» **WHAT IS NEEDED**: Your answer should be the lines of the material that include the word "lineweight".
== Segment start ==
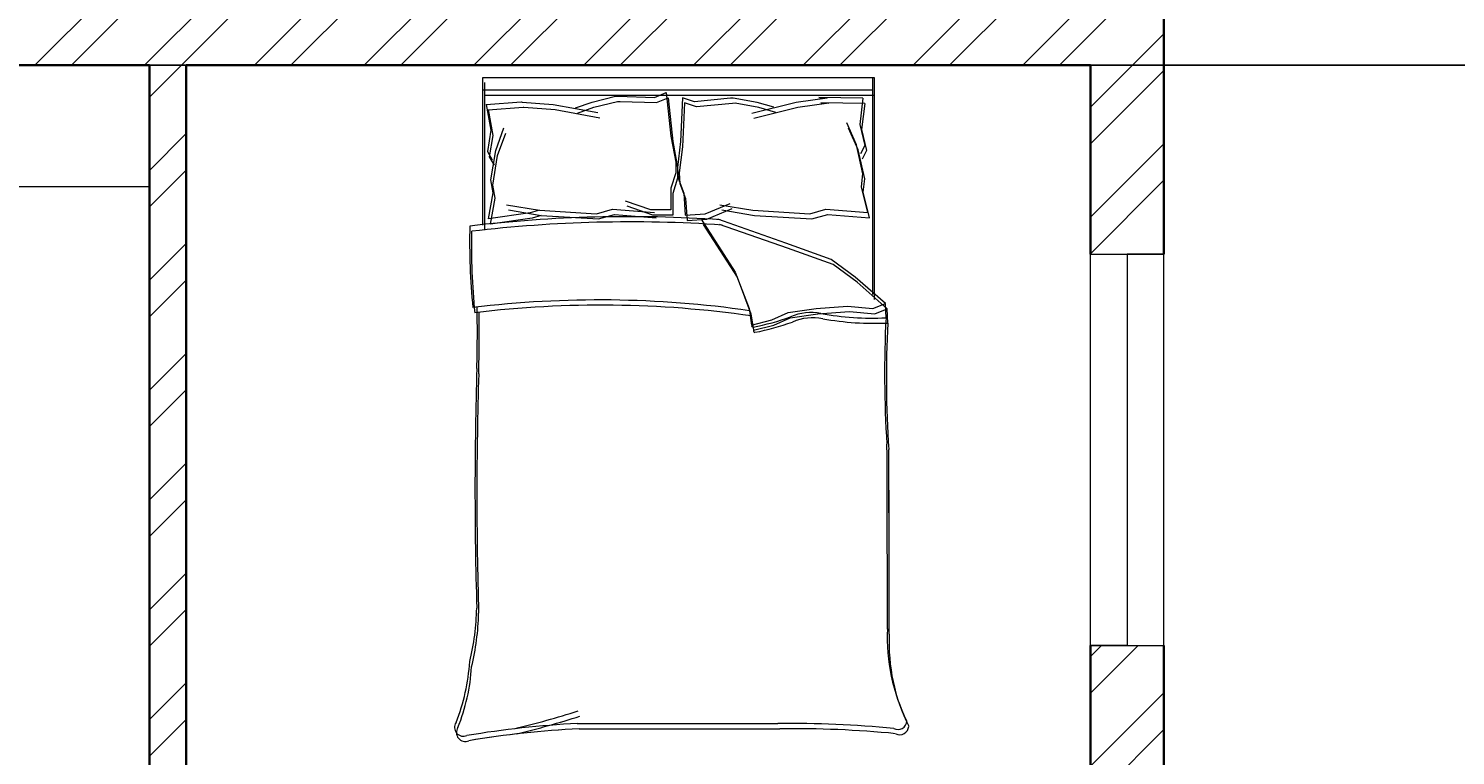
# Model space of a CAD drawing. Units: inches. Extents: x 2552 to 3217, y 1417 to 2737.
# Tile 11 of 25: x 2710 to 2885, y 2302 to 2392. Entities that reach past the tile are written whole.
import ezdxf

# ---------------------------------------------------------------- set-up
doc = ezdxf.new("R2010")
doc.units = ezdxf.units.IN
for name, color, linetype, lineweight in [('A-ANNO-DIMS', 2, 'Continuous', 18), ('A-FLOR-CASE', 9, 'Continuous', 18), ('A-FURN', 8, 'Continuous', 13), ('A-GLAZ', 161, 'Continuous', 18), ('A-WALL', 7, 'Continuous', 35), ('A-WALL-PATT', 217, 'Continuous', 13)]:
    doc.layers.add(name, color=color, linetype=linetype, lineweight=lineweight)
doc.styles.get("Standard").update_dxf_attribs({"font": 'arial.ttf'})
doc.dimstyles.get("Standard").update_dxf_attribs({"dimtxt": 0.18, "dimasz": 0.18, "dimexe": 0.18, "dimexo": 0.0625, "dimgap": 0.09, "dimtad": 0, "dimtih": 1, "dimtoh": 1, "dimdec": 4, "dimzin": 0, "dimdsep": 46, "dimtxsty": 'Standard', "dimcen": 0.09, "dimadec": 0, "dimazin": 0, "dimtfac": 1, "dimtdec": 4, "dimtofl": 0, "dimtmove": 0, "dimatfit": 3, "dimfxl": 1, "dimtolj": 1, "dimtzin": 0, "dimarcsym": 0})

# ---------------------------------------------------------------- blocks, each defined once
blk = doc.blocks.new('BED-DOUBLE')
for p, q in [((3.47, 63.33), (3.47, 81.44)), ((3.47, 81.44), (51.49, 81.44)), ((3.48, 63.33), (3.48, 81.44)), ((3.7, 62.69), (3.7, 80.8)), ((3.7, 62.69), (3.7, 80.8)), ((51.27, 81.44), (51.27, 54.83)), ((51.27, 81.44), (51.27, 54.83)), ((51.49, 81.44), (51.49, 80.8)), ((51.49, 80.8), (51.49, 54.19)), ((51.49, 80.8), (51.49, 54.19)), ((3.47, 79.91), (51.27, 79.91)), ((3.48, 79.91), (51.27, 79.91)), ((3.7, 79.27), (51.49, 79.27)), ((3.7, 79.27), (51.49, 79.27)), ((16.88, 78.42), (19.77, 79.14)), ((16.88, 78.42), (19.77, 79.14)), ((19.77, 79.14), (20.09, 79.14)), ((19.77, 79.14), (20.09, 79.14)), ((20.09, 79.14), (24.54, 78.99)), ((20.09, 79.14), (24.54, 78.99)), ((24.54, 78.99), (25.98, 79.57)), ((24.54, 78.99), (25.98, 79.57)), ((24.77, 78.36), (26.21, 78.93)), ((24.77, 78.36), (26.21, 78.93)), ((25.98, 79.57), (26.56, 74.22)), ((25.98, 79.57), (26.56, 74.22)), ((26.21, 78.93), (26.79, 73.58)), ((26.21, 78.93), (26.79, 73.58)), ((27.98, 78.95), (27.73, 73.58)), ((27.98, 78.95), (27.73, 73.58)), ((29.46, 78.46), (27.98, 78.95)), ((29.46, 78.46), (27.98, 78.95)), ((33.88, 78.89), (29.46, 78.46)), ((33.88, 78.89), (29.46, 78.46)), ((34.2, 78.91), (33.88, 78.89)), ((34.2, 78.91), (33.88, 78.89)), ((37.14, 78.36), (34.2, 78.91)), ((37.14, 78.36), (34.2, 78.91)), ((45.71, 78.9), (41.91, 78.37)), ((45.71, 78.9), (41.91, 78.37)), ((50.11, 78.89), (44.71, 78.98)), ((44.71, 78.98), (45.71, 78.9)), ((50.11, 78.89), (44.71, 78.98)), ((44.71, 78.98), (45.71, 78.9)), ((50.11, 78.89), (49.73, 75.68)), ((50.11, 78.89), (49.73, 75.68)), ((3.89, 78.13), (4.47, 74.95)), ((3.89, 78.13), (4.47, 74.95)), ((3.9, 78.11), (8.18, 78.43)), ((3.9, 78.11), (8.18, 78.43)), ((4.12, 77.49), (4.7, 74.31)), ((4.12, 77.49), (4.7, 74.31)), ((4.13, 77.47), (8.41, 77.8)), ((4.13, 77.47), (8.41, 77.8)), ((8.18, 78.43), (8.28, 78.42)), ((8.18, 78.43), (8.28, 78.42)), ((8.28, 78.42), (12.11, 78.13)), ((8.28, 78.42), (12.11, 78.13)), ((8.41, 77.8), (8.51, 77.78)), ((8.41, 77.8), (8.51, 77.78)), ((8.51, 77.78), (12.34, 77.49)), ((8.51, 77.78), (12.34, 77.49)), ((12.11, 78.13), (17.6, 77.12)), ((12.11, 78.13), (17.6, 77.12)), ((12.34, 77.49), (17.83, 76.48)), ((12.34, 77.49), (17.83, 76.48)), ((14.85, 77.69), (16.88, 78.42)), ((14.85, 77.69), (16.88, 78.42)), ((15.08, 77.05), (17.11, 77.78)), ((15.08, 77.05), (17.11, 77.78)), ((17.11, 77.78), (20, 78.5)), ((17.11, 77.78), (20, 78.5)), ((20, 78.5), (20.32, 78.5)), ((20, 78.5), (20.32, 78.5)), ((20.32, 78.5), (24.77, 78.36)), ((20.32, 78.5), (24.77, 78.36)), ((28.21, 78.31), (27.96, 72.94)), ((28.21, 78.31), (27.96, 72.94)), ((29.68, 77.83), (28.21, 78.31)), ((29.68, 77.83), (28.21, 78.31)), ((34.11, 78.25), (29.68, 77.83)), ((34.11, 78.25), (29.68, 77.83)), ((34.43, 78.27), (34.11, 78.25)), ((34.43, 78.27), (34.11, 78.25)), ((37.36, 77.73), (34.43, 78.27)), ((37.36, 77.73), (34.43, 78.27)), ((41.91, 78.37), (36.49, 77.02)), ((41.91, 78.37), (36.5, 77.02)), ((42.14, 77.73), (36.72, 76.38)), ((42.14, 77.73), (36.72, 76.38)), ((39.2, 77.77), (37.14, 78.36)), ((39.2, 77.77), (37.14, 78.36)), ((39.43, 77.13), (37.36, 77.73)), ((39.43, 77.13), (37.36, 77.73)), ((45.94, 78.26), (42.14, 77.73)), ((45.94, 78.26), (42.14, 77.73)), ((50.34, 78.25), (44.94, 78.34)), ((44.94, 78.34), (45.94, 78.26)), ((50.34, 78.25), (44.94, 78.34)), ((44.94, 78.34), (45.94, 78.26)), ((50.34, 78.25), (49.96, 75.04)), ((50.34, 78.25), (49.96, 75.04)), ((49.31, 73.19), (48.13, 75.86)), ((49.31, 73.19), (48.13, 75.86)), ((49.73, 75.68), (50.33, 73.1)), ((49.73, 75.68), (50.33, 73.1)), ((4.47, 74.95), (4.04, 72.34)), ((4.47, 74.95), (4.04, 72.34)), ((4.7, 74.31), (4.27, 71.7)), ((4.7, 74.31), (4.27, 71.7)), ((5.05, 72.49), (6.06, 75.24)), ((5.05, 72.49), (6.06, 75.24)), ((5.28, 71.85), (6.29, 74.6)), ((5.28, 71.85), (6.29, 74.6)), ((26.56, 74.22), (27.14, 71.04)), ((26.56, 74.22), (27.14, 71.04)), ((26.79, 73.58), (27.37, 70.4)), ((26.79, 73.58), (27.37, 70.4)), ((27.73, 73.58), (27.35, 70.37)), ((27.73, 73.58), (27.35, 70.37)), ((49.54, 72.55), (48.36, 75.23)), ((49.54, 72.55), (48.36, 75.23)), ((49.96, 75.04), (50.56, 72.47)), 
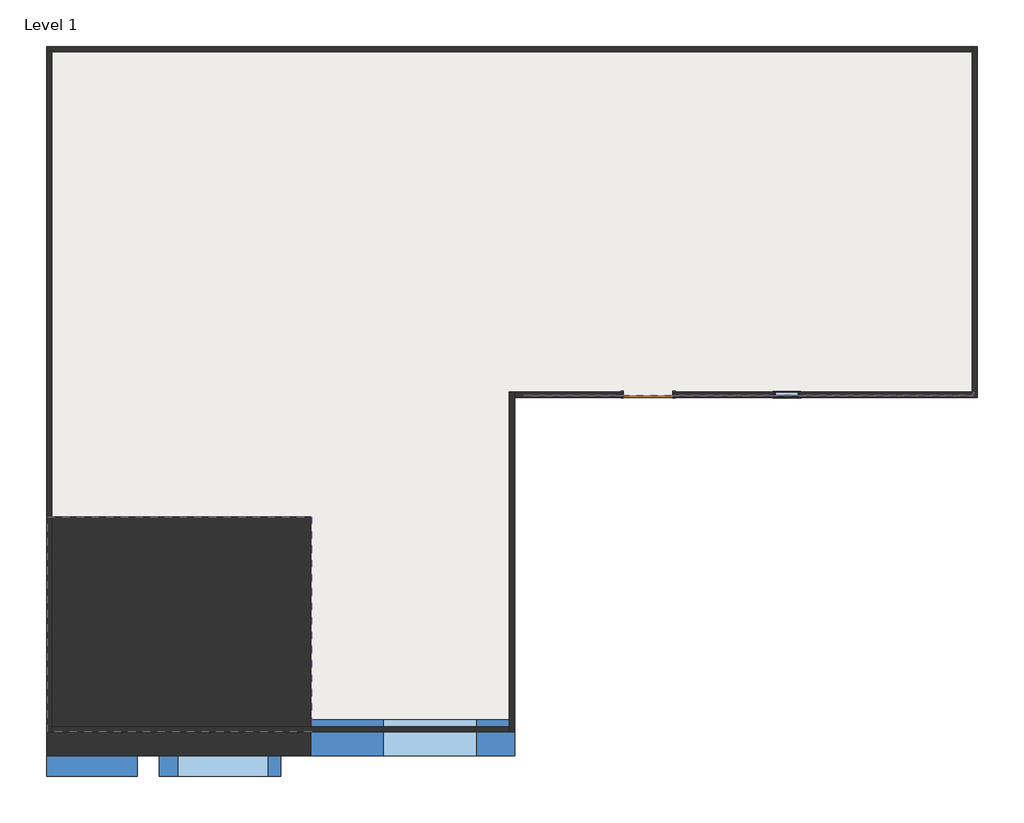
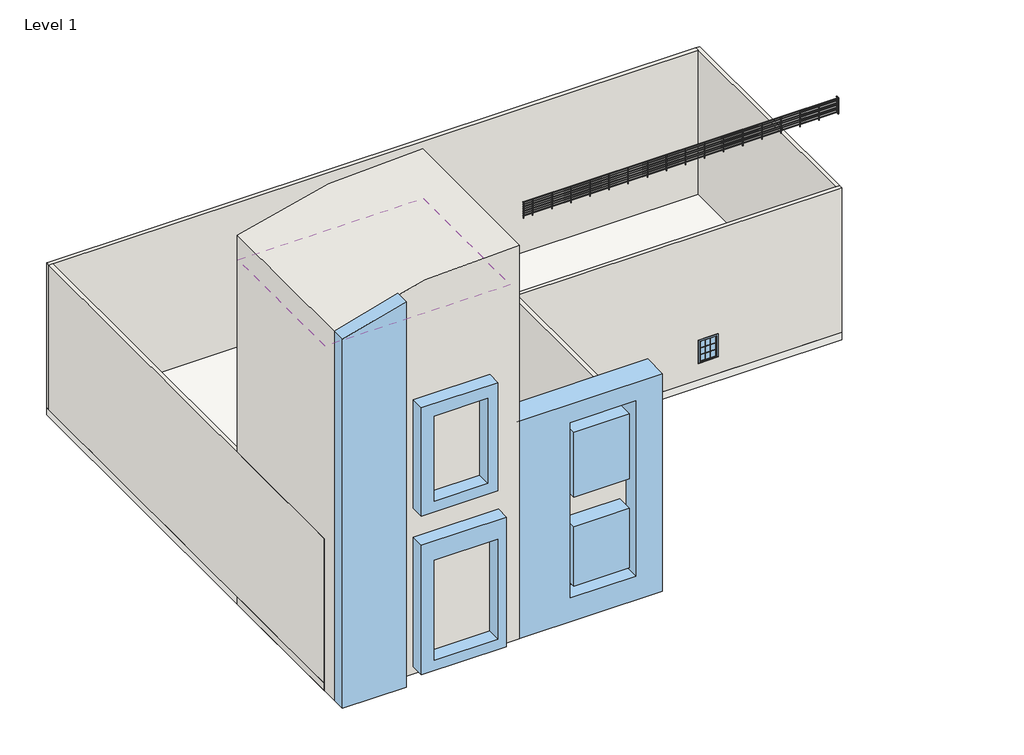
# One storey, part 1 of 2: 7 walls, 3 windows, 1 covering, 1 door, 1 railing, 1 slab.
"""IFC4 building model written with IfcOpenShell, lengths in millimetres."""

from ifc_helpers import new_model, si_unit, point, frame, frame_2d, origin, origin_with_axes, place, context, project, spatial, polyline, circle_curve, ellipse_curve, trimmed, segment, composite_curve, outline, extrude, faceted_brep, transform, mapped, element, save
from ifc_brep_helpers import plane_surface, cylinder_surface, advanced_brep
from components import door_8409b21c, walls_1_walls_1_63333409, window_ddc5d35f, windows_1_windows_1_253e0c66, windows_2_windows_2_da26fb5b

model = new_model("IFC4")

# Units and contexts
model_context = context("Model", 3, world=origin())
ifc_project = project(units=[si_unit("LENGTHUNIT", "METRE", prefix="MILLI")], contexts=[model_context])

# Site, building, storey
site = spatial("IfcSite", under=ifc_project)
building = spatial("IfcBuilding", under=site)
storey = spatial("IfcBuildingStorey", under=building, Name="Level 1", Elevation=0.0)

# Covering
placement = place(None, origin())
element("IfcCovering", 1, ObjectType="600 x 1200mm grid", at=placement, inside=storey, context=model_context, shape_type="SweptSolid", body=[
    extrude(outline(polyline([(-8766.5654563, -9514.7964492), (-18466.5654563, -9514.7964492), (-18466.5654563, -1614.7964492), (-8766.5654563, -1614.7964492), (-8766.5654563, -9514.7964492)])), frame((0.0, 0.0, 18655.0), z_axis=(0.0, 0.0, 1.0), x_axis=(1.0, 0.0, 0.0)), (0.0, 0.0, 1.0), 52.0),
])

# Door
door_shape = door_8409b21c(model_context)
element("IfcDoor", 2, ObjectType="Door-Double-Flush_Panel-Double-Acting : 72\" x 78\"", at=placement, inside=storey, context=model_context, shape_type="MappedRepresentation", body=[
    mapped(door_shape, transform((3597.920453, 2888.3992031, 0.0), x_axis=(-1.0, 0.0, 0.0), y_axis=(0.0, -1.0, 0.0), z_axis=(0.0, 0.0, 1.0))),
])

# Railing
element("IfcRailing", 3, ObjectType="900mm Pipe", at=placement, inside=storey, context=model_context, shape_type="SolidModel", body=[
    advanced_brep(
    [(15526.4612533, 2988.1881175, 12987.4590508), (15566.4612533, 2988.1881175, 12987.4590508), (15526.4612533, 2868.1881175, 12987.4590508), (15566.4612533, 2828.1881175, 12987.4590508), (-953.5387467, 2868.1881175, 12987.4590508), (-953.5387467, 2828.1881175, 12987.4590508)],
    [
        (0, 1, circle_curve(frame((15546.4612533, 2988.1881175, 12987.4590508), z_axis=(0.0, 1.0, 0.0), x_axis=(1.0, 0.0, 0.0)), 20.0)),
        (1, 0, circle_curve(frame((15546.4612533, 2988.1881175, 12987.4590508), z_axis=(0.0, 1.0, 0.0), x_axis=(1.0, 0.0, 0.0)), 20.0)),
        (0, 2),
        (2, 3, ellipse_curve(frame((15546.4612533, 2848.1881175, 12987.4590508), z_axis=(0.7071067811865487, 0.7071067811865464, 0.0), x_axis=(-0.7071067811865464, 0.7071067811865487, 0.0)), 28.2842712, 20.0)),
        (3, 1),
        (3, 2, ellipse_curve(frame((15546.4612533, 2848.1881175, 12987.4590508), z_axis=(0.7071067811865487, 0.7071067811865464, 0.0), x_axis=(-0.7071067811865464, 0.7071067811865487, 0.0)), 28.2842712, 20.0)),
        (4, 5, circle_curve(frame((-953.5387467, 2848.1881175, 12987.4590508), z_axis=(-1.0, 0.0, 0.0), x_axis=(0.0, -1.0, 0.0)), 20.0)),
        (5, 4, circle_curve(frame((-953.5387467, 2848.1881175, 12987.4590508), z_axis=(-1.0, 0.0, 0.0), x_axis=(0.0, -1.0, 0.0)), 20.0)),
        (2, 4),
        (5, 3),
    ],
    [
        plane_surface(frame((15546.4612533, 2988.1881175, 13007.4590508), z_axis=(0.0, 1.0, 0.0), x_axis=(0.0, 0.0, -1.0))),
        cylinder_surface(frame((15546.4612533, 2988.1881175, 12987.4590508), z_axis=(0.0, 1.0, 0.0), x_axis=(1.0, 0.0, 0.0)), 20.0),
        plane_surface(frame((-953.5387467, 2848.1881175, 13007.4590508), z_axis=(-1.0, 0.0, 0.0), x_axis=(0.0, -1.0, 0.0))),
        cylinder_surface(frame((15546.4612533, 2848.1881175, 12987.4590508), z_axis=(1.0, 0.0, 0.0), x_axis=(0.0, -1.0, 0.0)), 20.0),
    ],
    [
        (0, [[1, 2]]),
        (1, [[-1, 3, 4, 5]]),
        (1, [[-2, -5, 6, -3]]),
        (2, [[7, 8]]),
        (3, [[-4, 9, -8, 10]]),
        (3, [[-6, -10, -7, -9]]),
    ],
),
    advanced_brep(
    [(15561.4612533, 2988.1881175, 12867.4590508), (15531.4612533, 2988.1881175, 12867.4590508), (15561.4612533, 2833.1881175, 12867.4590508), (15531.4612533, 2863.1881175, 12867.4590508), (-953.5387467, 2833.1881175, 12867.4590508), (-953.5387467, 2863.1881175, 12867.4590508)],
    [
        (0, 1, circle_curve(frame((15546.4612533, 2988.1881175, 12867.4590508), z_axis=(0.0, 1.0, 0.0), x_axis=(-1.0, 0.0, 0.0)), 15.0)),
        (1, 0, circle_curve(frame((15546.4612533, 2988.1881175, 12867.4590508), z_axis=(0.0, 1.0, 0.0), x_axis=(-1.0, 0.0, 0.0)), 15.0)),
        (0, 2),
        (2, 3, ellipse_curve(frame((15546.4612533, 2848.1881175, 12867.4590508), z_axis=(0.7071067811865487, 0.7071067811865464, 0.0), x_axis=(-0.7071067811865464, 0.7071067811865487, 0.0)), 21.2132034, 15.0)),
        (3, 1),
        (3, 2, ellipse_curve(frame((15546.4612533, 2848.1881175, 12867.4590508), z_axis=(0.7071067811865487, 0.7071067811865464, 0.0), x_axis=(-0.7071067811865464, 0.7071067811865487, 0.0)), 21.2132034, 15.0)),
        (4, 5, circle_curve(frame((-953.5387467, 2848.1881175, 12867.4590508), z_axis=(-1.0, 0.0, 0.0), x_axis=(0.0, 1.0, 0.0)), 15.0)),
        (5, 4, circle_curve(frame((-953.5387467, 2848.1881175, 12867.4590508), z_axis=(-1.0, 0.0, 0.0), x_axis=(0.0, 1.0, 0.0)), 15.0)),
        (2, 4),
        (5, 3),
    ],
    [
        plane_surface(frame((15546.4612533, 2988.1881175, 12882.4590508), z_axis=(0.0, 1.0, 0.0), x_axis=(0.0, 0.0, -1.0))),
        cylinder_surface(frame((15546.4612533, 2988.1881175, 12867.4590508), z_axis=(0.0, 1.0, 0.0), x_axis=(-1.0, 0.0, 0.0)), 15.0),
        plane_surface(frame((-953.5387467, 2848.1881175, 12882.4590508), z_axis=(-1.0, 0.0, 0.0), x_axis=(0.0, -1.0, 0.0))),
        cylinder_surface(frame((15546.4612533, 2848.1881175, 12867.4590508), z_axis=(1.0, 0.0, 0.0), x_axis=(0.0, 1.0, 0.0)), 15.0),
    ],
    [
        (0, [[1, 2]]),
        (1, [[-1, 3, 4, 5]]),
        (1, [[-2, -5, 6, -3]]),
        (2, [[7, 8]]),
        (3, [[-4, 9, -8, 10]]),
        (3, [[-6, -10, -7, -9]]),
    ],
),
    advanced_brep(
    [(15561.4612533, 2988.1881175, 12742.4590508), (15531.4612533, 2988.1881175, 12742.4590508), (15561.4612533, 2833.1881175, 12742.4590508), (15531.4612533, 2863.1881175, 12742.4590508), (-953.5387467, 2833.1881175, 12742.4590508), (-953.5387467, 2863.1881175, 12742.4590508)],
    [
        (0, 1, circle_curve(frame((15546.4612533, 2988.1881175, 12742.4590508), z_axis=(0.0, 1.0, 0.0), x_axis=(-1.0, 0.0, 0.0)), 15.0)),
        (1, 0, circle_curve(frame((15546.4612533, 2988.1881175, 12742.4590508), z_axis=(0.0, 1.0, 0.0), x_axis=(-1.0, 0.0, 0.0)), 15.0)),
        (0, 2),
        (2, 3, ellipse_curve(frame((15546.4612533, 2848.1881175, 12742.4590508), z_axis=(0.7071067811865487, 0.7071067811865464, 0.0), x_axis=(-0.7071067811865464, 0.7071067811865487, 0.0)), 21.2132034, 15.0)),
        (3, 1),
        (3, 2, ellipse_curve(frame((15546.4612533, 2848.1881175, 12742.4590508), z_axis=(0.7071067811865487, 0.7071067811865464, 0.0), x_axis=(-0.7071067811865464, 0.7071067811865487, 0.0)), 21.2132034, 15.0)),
== Segment end ==
» **OUTPUT FOR THIS TASK**:
for name, color, linetype, lineweight in [('A-ANNO-DIMS', 2, 'Continuous', 18), ('A-FLOR-CASE', 9, 'Continuous', 18), ('A-FURN', 8, 'Continuous', 13), ('A-GLAZ', 161, 'Continuous', 18), ('A-WALL', 7, 'Continuous', 35), ('A-WALL-PATT', 217, 'Continuous', 13)]:
    doc.layers.add(name, color=color, linetype=linetype, lineweight=lineweight)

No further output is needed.